* _PROBLEM TO WORK ON_:
Where a line in the material below has the string "project", please report it.

(THE DATA begins)

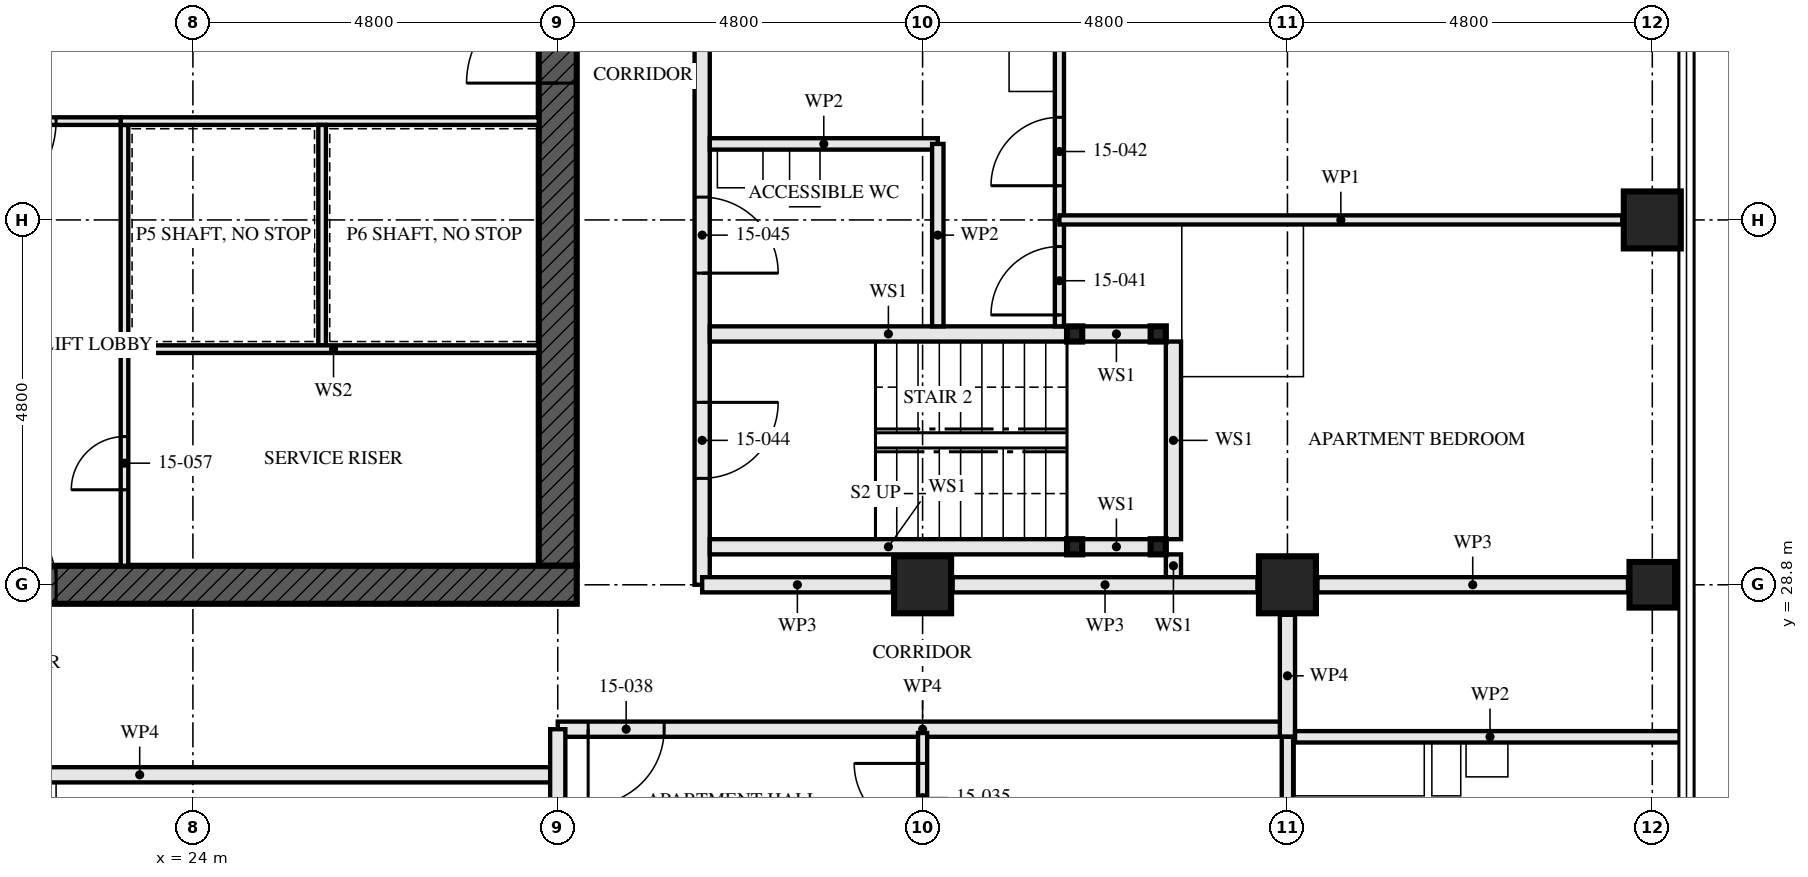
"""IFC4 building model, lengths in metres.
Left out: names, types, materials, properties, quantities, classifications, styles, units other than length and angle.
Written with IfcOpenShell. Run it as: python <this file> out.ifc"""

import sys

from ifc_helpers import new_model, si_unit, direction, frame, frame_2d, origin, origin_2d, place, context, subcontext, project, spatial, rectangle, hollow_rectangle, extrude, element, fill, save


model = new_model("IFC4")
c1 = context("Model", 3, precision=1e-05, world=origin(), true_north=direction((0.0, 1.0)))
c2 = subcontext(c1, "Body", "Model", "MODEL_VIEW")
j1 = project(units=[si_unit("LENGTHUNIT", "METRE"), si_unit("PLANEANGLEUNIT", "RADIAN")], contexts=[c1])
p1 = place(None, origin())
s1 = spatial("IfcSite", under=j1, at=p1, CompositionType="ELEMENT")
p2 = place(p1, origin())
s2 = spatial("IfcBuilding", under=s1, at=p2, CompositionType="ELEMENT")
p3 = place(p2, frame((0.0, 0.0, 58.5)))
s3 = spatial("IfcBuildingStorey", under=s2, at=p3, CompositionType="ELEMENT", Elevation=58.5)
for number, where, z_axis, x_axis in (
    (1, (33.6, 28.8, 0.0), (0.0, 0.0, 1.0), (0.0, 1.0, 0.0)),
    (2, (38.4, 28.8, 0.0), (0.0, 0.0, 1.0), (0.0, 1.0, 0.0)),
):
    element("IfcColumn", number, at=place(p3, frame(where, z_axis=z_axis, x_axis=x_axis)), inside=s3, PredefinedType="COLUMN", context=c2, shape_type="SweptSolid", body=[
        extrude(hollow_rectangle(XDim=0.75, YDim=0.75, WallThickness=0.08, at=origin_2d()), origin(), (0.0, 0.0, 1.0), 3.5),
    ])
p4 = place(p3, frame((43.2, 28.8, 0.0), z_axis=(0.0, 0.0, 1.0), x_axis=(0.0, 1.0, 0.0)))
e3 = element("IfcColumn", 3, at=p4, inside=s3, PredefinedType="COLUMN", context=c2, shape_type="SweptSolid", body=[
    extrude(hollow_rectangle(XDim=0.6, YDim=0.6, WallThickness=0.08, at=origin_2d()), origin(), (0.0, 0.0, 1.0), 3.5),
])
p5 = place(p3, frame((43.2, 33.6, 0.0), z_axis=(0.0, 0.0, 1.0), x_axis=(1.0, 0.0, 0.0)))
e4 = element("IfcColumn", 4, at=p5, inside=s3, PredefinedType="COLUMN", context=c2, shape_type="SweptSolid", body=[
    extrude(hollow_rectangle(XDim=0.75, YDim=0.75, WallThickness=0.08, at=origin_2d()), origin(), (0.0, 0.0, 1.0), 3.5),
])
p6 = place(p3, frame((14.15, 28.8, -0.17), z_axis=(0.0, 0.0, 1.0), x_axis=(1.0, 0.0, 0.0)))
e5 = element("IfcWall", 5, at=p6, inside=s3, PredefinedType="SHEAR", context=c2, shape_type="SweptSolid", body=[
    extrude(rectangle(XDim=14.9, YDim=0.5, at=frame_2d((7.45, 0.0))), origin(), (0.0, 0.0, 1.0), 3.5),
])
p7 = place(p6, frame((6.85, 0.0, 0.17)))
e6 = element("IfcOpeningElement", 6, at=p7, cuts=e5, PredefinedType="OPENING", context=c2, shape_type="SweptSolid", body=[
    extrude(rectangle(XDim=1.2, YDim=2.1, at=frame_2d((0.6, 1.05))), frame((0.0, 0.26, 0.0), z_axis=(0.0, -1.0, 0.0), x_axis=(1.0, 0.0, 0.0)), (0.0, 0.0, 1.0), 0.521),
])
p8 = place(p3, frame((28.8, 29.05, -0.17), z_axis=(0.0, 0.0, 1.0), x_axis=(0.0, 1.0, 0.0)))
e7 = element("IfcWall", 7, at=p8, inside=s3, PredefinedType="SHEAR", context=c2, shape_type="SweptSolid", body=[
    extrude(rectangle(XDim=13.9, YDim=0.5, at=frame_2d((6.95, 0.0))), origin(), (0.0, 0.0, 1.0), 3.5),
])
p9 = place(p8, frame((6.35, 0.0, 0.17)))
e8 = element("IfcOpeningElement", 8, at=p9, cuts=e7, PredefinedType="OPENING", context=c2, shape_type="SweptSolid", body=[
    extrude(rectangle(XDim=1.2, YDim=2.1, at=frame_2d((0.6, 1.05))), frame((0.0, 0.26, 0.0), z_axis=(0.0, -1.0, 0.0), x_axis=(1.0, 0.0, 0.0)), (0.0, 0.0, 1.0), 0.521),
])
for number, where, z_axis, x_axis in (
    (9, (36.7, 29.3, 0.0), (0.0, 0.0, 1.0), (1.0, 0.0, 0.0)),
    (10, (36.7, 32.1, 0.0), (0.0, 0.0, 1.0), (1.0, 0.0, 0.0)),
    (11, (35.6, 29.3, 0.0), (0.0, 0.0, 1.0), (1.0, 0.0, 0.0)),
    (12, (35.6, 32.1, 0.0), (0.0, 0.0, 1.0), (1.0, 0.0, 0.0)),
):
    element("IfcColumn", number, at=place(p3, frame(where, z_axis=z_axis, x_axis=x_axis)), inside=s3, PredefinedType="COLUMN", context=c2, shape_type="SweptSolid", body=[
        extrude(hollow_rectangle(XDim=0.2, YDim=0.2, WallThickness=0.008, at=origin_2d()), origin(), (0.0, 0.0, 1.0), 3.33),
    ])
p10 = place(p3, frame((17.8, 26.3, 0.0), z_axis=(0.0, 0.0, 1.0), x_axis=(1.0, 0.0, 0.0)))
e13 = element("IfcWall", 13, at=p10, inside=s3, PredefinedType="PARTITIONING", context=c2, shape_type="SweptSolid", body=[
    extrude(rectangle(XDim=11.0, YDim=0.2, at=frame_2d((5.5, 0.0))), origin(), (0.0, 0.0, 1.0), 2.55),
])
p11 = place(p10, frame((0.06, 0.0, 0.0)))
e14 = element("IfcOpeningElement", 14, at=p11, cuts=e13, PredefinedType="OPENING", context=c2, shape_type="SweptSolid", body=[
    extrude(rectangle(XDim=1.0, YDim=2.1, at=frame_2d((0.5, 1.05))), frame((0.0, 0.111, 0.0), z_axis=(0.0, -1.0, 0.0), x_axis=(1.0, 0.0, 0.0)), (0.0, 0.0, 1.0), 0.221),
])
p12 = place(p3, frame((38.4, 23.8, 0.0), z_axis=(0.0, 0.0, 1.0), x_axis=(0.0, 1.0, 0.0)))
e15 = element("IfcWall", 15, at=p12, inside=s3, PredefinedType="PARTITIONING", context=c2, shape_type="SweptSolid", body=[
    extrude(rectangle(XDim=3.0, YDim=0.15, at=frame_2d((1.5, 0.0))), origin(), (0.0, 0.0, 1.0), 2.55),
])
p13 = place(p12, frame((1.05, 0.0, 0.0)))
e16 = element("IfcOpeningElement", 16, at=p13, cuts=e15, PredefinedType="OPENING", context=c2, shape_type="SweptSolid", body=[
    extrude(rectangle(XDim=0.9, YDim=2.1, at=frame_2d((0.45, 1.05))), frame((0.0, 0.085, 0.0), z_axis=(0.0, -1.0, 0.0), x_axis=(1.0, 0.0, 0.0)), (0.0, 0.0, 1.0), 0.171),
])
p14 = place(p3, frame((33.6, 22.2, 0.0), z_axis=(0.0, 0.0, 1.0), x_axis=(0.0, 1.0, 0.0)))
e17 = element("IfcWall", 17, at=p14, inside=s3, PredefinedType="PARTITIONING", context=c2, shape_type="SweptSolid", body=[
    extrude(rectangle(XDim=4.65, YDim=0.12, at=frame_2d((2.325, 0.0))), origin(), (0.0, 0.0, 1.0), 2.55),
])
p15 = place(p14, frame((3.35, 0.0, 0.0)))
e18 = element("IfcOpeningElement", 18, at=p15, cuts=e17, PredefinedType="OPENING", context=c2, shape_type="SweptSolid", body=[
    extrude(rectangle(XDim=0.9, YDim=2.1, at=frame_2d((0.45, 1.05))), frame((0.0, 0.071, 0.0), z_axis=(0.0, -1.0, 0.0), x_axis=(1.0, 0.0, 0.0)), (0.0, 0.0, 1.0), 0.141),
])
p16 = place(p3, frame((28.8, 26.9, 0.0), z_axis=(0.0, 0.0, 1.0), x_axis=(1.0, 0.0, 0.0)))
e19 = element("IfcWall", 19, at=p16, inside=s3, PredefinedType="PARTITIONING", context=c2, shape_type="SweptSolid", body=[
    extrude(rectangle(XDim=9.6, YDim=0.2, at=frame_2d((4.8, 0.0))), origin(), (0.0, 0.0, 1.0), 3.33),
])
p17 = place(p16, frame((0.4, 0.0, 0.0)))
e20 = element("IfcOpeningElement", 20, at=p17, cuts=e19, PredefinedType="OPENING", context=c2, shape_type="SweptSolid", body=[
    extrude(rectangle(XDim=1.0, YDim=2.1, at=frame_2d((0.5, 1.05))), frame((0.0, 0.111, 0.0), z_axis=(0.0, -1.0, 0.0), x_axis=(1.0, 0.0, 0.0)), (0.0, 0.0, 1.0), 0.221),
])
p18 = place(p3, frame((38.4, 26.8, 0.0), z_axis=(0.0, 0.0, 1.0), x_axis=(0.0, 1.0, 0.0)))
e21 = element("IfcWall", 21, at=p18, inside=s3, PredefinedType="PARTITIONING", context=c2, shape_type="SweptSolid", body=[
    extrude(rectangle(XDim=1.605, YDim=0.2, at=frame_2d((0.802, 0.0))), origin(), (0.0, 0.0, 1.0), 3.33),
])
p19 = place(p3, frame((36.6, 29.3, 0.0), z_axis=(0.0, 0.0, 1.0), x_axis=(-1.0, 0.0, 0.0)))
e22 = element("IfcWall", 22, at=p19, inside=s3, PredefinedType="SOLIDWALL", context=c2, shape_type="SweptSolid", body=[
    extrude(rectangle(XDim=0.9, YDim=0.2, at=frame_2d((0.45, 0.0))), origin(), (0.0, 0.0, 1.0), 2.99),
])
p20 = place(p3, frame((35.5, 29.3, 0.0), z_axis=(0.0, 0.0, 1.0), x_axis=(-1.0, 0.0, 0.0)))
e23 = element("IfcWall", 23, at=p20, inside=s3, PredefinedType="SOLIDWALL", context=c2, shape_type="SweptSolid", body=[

(THE DATA ends)

* _OUTPUT BELOW_:
from ifc_helpers import new_model, si_unit, direction, frame, frame_2d, origin, origin_2d, place, context, subcontext, project, spatial, rectangle, hollow_rectangle, extrude, element, fill, save
j1 = project(units=[si_unit("LENGTHUNIT", "METRE"), si_unit("PLANEANGLEUNIT", "RADIAN")], contexts=[c1])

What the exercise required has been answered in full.